▶ _WHAT TO DO_
Leaving the pictures aside, return the listing exactly as it appears.

▶ _EXTRACTED INFORMATION_
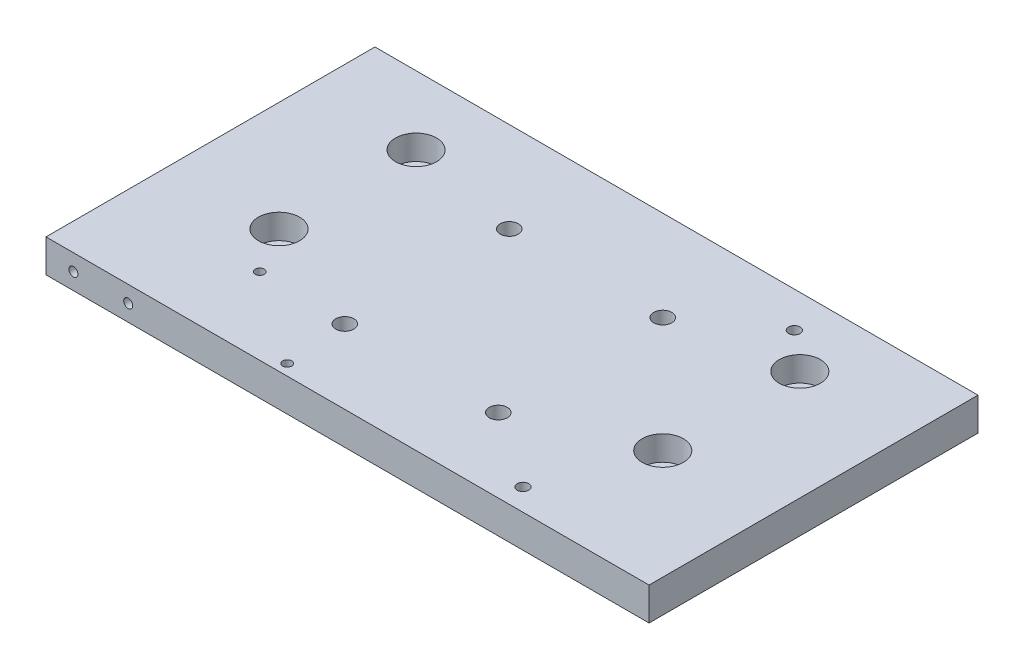
from build123d import *

# Parameters (mm, degrees)
SKETCH_1_W                  = 220
SKETCH_1_H                  = 12
EXTRUDE_1_DEPTH             = 60
HOLE_WIZARD_M6_1_D          = 5
HOLE_WIZARD_M6_1_DEPTH      = 13
HOLE_WIZARD_M6_1_TIP        = 1.502151548
HOLE_WIZARD_2_D             = 9
HOLE_WIZARD_2_CBORE_D       = 15
HOLE_WIZARD_2_CBORE_DEPTH   = 9
HOLE_WIZARD_2_2_D           = 6.6
HOLE_WIZARD_2_2_CBORE_D     = 11
HOLE_WIZARD_2_2_CBORE_DEPTH = 6.8
HOLE_WIZARD_M4_1_D          = 3.3
HOLE_WIZARD_M5_2_D          = 4.2
HOLE_WIZARD_M4_2_D          = 3.3
HOLE_WIZARD_M4_2_DEPTH      = 10.1
HOLE_WIZARD_M4_2_TIP        = 0.991420021


with BuildPart() as part:
    # 草图1 → 凸台-拉伸1 (new, symmetric)
    with BuildSketch(Plane.XY):
        Rectangle(SKETCH_1_W, SKETCH_1_H)
    extrude(amount=EXTRUDE_1_DEPTH, both=True)

    # M6 螺纹孔1
    with Locations(Plane(origin=(70, 0, -60), x_dir=(-1, 0, 0), z_dir=(0, 0, -1))):
        with Locations((0, 0), (70, 0), (140, 0)):
            Hole(HOLE_WIZARD_M6_1_D / 2, depth=HOLE_WIZARD_M6_1_DEPTH)
            with Locations((0, 0, -(HOLE_WIZARD_M6_1_DEPTH + HOLE_WIZARD_M6_1_TIP / 2))):  # 118° drill point
                Cone(0, HOLE_WIZARD_M6_1_D / 2, HOLE_WIZARD_M6_1_TIP, mode=Mode.SUBTRACT)

    # Hole Wizard 2 (through all)
    with Locations(Plane(origin=(-70, 6, -35), x_dir=(0, 0, 1), z_dir=(0, 1, 0))):
        with Locations((0, 0), (50, 0), (0, 140), (50, 140)):
            CounterBoreHole(HOLE_WIZARD_2_D / 2, HOLE_WIZARD_2_CBORE_D / 2, HOLE_WIZARD_2_CBORE_DEPTH)

    # Hole Wizard 2 2 (through all)
    with Locations(Plane(origin=(-28, -6, -27), x_dir=(0, 0, -1), z_dir=(0, -1, 0))):
        with Locations((0, 0), (0, 56), (-60, 56), (-60, 0)):
            CounterBoreHole(HOLE_WIZARD_2_2_D / 2, HOLE_WIZARD_2_2_CBORE_D / 2, HOLE_WIZARD_2_2_CBORE_DEPTH)

    # M4 螺纹孔1 (through all)
    with Locations(Plane(origin=(0, -6, 0), x_dir=(-1, 0, 0), z_dir=(0, -1, 0))):
        with Locations((26, -56), (60, -32)):
            Hole(HOLE_WIZARD_M4_1_D / 2)

    # M5 螺纹孔2 (through all)
    with Locations(Plane(origin=(0, -6, 0), x_dir=(-1, 0, 0), z_dir=(0, -1, 0))):
        with Locations((-56, -52), (-56, 47)):
            Hole(HOLE_WIZARD_M5_2_D / 2)

    # M4 螺纹孔2
    with Locations(Plane.XY.offset(60)):
        with Locations((-100, 0), (-80, 0)):
            Hole(HOLE_WIZARD_M4_2_D / 2, depth=HOLE_WIZARD_M4_2_DEPTH)
            with Locations((0, 0, -(HOLE_WIZARD_M4_2_DEPTH + HOLE_WIZARD_M4_2_TIP / 2))):  # 118° drill point
                Cone(0, HOLE_WIZARD_M4_2_D / 2, HOLE_WIZARD_M4_2_TIP, mode=Mode.SUBTRACT)


solid = part.part

▶ _TASK SOLUTION_
from build123d import *

# Parameters (mm, degrees)
SKETCH_1_W                  = 220
SKETCH_1_H                  = 12
EXTRUDE_1_DEPTH             = 60
HOLE_WIZARD_M6_1_D          = 5
HOLE_WIZARD_M6_1_DEPTH      = 13
HOLE_WIZARD_M6_1_TIP        = 1.502151548
HOLE_WIZARD_2_D             = 9
HOLE_WIZARD_2_CBORE_D       = 15
HOLE_WIZARD_2_CBORE_DEPTH   = 9
HOLE_WIZARD_2_2_D           = 6.6
HOLE_WIZARD_2_2_CBORE_D     = 11
HOLE_WIZARD_2_2_CBORE_DEPTH = 6.8
HOLE_WIZARD_M4_1_D          = 3.3
HOLE_WIZARD_M5_2_D          = 4.2
HOLE_WIZARD_M4_2_D          = 3.3
HOLE_WIZARD_M4_2_DEPTH      = 10.1
HOLE_WIZARD_M4_2_TIP        = 0.991420021


with BuildPart() as part:
    # 草图1 → 凸台-拉伸1 (new, symmetric)
    with BuildSketch(Plane.XY):
        Rectangle(SKETCH_1_W, SKETCH_1_H)
    extrude(amount=EXTRUDE_1_DEPTH, both=True)

    # M6 螺纹孔1
    with Locations(Plane(origin=(70, 0, -60), x_dir=(-1, 0, 0), z_dir=(0, 0, -1))):
        with Locations((0, 0), (70, 0), (140, 0)):
            Hole(HOLE_WIZARD_M6_1_D / 2, depth=HOLE_WIZARD_M6_1_DEPTH)
            with Locations((0, 0, -(HOLE_WIZARD_M6_1_DEPTH + HOLE_WIZARD_M6_1_TIP / 2))):  # 118° drill point
                Cone(0, HOLE_WIZARD_M6_1_D / 2, HOLE_WIZARD_M6_1_TIP, mode=Mode.SUBTRACT)

    # Hole Wizard 2 (through all)
    with Locations(Plane(origin=(-70, 6, -35), x_dir=(0, 0, 1), z_dir=(0, 1, 0))):
        with Locations((0, 0), (50, 0), (0, 140), (50, 140)):
            CounterBoreHole(HOLE_WIZARD_2_D / 2, HOLE_WIZARD_2_CBORE_D / 2, HOLE_WIZARD_2_CBORE_DEPTH)

    # Hole Wizard 2 2 (through all)
    with Locations(Plane(origin=(-28, -6, -27), x_dir=(0, 0, -1), z_dir=(0, -1, 0))):
        with Locations((0, 0), (0, 56), (-60, 56), (-60, 0)):
            CounterBoreHole(HOLE_WIZARD_2_2_D / 2, HOLE_WIZARD_2_2_CBORE_D / 2, HOLE_WIZARD_2_2_CBORE_DEPTH)

    # M4 螺纹孔1 (through all)
    with Locations(Plane(origin=(0, -6, 0), x_dir=(-1, 0, 0), z_dir=(0, -1, 0))):
        with Locations((26, -56), (60, -32)):
            Hole(HOLE_WIZARD_M4_1_D / 2)

    # M5 螺纹孔2 (through all)
    with Locations(Plane(origin=(0, -6, 0), x_dir=(-1, 0, 0), z_dir=(0, -1, 0))):
        with Locations((-56, -52), (-56, 47)):
            Hole(HOLE_WIZARD_M5_2_D / 2)

    # M4 螺纹孔2
    with Locations(Plane.XY.offset(60)):
        with Locations((-100, 0), (-80, 0)):
            Hole(HOLE_WIZARD_M4_2_D / 2, depth=HOLE_WIZARD_M4_2_DEPTH)
            with Locations((0, 0, -(HOLE_WIZARD_M4_2_DEPTH + HOLE_WIZARD_M4_2_TIP / 2))):  # 118° drill point
                Cone(0, HOLE_WIZARD_M4_2_D / 2, HOLE_WIZARD_M4_2_TIP, mode=Mode.SUBTRACT)


solid = part.part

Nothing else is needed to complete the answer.